## GOAL OF THE EXERCISE:
The word "WallThickness" may appear in some lines of the data; copy every such line.

──────────

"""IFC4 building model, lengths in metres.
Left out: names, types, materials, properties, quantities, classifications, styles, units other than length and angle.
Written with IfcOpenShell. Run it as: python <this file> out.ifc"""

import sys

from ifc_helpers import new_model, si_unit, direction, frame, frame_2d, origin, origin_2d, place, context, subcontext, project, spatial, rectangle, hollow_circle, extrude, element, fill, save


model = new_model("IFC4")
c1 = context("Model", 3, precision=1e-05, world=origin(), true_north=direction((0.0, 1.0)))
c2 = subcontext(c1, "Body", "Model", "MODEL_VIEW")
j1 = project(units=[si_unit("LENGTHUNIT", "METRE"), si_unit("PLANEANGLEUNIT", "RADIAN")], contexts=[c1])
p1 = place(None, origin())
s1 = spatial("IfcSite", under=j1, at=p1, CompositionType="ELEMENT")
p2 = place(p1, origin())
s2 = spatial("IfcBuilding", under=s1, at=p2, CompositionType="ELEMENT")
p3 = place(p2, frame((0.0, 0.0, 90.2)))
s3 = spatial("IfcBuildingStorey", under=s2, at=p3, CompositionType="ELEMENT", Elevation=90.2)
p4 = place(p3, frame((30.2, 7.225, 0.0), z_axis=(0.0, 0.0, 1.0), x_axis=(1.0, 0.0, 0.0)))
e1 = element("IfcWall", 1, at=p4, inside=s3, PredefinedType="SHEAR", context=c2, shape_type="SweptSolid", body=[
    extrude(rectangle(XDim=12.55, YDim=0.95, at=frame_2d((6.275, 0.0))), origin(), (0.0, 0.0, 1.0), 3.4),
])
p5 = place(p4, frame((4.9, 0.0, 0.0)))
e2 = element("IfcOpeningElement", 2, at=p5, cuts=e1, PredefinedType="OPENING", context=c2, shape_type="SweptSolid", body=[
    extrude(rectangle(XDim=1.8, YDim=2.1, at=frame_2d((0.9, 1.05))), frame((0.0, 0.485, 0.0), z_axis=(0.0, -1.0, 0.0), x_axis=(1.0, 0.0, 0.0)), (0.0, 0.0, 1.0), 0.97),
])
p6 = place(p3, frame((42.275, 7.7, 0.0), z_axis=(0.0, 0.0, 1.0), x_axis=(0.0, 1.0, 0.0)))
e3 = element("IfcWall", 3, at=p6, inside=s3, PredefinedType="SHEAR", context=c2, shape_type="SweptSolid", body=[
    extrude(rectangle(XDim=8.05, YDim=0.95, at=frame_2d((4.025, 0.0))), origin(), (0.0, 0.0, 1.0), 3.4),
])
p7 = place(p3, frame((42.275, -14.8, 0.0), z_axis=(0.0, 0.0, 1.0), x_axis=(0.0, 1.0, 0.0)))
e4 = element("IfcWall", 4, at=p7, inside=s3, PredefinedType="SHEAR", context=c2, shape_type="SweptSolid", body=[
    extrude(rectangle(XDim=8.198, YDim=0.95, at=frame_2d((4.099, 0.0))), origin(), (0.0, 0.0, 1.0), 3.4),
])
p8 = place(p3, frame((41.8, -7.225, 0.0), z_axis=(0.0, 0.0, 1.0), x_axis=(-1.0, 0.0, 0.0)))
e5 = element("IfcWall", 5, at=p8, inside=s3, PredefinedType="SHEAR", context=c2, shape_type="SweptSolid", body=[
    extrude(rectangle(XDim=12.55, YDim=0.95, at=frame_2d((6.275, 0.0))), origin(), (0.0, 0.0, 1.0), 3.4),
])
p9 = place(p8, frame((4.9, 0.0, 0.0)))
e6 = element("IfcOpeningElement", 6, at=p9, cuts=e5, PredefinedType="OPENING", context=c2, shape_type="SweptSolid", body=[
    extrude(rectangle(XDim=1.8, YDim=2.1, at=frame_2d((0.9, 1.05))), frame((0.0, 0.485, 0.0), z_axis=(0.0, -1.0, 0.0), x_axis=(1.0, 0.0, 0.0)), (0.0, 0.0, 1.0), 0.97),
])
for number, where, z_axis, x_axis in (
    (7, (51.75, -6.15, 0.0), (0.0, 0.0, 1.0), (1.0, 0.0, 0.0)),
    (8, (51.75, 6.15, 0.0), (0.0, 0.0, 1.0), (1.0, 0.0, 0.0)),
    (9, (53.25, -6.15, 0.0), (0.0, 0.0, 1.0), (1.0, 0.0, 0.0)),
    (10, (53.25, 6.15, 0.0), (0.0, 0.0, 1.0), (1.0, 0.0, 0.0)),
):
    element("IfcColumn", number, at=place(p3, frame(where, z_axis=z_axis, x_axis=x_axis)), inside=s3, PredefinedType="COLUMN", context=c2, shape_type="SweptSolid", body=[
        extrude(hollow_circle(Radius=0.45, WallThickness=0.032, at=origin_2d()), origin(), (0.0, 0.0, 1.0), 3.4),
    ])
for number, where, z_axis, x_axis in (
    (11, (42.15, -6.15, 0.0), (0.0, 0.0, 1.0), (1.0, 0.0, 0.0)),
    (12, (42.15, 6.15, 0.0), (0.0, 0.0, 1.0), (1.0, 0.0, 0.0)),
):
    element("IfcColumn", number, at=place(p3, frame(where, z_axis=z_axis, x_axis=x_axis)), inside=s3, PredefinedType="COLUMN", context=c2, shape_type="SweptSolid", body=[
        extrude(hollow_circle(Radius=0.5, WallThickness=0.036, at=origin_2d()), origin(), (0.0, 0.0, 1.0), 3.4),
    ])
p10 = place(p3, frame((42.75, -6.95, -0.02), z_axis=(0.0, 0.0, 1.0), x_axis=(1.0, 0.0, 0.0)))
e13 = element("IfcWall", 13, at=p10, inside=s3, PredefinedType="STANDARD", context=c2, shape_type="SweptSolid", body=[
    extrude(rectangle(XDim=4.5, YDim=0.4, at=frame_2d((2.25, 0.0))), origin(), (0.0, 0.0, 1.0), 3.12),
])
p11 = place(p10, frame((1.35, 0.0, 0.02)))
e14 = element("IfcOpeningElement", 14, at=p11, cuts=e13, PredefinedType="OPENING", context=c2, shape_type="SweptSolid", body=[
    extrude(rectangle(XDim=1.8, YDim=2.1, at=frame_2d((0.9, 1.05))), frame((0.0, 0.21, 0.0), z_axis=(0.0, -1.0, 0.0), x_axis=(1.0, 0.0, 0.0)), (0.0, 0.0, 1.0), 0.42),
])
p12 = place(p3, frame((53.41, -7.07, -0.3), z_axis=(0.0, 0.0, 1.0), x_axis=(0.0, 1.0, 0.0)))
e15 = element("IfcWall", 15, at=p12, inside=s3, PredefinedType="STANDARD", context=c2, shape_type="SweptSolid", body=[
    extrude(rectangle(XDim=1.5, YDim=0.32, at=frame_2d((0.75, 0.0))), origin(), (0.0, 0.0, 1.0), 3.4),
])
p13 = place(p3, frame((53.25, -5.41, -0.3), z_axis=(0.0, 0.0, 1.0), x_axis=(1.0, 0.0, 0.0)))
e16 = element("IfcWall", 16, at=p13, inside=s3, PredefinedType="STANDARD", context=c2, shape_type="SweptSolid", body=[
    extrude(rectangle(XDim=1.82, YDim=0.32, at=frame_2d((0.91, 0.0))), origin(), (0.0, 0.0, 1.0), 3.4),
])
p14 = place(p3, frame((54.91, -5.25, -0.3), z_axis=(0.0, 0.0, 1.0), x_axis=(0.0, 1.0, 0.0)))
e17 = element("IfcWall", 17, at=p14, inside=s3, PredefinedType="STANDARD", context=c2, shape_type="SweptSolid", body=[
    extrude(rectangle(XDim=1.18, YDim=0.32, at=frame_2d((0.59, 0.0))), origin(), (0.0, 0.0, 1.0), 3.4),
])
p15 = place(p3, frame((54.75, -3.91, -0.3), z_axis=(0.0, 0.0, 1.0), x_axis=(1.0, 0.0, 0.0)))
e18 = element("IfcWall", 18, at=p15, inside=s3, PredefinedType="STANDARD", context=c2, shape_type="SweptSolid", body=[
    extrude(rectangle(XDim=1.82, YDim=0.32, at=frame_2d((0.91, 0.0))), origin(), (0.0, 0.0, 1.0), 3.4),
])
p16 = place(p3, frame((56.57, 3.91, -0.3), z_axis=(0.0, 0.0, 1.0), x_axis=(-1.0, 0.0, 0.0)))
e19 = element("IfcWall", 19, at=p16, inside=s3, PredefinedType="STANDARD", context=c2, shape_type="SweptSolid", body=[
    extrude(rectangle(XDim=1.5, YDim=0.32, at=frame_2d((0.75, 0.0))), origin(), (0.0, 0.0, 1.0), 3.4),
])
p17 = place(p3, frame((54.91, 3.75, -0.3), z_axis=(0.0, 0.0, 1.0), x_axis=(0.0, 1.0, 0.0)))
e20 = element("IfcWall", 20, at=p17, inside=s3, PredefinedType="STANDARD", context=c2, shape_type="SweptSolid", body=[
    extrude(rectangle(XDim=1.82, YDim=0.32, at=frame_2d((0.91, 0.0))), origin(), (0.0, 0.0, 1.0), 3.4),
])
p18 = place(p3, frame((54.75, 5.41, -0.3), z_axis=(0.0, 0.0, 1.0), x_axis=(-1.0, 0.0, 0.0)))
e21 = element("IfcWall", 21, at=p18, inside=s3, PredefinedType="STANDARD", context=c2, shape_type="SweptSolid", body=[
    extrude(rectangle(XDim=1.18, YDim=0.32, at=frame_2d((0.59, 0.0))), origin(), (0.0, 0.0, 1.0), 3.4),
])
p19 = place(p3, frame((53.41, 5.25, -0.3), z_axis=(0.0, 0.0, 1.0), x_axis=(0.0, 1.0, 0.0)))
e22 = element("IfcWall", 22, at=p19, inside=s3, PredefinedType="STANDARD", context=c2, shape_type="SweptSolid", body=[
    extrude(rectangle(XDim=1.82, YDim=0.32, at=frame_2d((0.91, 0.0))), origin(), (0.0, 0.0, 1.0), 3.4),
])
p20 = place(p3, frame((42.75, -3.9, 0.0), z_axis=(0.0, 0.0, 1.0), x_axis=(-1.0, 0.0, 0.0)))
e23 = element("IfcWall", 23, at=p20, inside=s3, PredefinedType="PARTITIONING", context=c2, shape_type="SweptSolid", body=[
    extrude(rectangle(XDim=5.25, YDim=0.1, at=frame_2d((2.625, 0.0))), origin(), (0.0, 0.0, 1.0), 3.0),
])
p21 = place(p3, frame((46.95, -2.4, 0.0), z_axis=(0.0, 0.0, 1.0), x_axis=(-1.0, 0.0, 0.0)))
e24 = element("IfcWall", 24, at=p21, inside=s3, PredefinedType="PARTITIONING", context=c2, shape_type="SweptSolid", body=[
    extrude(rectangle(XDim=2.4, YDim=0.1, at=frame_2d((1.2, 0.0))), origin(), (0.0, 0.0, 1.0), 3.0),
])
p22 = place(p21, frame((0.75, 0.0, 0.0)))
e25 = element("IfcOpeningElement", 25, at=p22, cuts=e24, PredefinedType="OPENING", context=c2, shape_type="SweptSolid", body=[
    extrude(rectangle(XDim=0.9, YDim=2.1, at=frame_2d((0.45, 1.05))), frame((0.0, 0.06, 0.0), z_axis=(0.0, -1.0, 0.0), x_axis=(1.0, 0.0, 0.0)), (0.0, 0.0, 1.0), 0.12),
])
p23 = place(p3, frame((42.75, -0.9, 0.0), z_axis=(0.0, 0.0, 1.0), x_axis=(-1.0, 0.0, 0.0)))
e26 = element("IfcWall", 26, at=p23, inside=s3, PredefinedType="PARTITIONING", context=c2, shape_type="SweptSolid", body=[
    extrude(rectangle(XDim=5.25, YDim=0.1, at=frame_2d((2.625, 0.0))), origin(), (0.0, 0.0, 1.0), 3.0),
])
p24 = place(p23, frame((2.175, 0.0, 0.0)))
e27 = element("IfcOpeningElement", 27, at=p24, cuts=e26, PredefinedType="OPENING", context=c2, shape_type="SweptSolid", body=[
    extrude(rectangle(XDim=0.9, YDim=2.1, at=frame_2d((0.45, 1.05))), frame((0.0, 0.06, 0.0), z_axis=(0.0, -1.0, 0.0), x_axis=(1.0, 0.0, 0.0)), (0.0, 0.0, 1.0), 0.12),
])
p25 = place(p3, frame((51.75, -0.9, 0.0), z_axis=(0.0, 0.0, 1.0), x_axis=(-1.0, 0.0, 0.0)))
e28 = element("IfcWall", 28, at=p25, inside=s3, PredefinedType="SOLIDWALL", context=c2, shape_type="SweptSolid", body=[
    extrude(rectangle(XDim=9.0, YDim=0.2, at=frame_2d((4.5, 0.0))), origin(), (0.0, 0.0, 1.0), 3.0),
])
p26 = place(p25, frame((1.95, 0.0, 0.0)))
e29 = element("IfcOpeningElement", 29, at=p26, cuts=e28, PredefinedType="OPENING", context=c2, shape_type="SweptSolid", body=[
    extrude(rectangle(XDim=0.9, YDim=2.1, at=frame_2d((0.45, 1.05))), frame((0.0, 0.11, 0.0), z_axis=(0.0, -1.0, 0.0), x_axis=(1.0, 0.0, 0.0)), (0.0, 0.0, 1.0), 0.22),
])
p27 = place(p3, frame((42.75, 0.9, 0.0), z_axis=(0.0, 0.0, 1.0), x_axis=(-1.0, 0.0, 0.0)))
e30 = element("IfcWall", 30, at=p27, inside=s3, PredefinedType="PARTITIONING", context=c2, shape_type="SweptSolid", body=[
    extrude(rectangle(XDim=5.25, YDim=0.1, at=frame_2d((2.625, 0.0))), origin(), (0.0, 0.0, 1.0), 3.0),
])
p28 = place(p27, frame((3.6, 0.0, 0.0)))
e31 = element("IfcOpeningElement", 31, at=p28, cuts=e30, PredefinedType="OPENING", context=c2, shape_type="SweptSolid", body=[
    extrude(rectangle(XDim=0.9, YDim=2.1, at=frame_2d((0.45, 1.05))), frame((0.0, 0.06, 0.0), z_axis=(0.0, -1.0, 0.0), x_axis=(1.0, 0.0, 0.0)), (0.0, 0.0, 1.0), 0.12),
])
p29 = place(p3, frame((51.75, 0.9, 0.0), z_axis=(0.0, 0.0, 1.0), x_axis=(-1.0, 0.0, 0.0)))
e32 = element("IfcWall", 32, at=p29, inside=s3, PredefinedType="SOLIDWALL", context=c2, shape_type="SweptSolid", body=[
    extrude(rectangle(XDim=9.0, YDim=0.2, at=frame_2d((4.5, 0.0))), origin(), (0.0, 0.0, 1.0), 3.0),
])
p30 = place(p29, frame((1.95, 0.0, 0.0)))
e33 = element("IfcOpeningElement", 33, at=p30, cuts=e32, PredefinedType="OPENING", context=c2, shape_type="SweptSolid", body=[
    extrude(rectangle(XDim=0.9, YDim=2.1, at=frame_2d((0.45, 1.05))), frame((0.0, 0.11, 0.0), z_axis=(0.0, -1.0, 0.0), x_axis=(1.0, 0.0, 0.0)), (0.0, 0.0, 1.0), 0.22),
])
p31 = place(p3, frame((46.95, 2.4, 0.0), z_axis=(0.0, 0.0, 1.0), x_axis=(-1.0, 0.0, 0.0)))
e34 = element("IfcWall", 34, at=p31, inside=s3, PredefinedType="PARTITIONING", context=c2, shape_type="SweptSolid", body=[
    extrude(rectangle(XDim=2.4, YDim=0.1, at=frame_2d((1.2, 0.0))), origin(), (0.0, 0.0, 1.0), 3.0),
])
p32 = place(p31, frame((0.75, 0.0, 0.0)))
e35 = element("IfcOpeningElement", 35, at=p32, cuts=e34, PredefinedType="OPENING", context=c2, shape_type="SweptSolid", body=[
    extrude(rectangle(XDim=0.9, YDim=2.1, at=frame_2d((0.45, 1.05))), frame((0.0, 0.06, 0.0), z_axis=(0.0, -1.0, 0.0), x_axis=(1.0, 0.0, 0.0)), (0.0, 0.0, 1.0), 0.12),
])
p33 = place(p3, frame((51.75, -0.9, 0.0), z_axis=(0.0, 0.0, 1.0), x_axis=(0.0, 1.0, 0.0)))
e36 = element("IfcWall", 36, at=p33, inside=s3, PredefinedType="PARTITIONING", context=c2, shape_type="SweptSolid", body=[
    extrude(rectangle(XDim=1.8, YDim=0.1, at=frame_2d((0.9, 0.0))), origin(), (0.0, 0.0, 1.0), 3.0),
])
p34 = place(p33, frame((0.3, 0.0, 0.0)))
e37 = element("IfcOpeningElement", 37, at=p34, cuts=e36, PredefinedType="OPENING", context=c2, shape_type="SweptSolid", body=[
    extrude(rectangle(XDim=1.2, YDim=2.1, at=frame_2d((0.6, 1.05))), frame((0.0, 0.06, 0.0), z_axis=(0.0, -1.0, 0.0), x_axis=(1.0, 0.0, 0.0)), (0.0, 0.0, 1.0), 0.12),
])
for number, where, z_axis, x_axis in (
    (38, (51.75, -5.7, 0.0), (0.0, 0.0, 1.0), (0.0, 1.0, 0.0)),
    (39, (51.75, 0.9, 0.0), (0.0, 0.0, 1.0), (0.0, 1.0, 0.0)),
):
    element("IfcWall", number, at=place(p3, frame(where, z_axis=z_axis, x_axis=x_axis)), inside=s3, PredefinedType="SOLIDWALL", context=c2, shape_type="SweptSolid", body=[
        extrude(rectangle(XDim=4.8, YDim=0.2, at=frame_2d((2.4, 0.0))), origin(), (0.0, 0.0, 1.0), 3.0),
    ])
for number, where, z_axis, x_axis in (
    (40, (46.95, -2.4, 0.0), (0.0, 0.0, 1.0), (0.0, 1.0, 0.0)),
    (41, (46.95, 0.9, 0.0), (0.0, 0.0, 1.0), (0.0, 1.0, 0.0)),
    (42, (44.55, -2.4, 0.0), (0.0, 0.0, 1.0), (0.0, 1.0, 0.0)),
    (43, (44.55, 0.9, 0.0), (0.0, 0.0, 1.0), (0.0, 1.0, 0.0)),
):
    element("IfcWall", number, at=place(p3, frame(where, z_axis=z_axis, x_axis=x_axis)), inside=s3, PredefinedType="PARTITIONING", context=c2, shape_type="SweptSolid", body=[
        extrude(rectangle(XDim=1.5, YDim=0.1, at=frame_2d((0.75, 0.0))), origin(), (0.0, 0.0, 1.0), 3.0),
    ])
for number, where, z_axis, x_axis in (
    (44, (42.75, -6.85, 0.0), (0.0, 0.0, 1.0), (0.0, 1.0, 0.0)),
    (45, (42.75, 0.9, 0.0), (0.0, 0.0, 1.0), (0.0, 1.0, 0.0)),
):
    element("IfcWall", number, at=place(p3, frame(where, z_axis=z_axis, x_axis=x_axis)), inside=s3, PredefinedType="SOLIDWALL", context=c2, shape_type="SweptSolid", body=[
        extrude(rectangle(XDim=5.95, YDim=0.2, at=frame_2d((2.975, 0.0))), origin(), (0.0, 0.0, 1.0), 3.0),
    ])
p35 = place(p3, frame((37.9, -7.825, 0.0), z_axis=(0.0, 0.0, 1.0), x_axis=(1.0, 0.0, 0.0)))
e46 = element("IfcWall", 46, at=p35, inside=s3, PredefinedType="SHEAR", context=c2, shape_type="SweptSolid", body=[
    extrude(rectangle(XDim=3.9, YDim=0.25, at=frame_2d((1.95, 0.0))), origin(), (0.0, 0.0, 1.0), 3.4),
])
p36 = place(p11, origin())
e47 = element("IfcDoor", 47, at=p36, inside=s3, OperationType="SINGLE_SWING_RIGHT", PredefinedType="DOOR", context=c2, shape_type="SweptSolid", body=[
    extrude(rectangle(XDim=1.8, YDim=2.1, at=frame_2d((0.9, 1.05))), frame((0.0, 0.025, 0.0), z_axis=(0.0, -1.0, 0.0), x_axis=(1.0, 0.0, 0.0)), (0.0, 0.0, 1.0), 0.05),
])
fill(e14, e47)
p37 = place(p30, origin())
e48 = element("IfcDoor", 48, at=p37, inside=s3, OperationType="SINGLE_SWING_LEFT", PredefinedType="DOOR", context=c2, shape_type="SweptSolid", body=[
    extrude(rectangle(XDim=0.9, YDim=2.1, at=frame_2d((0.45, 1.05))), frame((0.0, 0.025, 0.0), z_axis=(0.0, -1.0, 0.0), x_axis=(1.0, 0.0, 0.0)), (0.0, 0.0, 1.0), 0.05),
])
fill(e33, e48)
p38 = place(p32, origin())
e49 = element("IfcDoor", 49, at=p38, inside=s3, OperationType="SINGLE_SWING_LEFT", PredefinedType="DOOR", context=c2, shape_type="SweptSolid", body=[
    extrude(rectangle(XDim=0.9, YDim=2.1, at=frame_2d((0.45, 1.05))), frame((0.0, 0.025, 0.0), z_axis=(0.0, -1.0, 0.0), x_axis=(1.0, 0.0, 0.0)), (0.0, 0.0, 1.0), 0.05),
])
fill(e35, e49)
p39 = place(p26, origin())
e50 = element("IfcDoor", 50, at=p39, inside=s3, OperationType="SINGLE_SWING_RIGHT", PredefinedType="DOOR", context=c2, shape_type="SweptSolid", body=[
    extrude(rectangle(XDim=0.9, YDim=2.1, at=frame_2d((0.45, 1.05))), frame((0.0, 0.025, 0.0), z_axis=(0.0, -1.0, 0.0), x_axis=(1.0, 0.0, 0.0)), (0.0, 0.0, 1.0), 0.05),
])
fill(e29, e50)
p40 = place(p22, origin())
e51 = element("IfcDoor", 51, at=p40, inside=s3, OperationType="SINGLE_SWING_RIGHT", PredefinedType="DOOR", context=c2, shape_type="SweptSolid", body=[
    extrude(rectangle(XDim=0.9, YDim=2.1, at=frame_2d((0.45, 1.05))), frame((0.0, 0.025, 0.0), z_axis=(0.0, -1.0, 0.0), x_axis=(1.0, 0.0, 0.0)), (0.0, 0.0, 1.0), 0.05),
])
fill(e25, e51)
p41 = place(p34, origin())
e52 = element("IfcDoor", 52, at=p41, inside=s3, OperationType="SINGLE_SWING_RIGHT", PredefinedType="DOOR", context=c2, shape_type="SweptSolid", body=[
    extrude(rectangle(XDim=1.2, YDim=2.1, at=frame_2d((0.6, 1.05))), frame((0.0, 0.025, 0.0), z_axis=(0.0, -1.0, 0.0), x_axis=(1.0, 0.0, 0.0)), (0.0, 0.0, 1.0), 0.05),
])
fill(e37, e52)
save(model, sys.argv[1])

──────────

## SOLUTION:
        extrude(hollow_circle(Radius=0.45, WallThickness=0.032, at=origin_2d()), origin(), (0.0, 0.0, 1.0), 3.4),
        extrude(hollow_circle(Radius=0.5, WallThickness=0.036, at=origin_2d()), origin(), (0.0, 0.0, 1.0), 3.4),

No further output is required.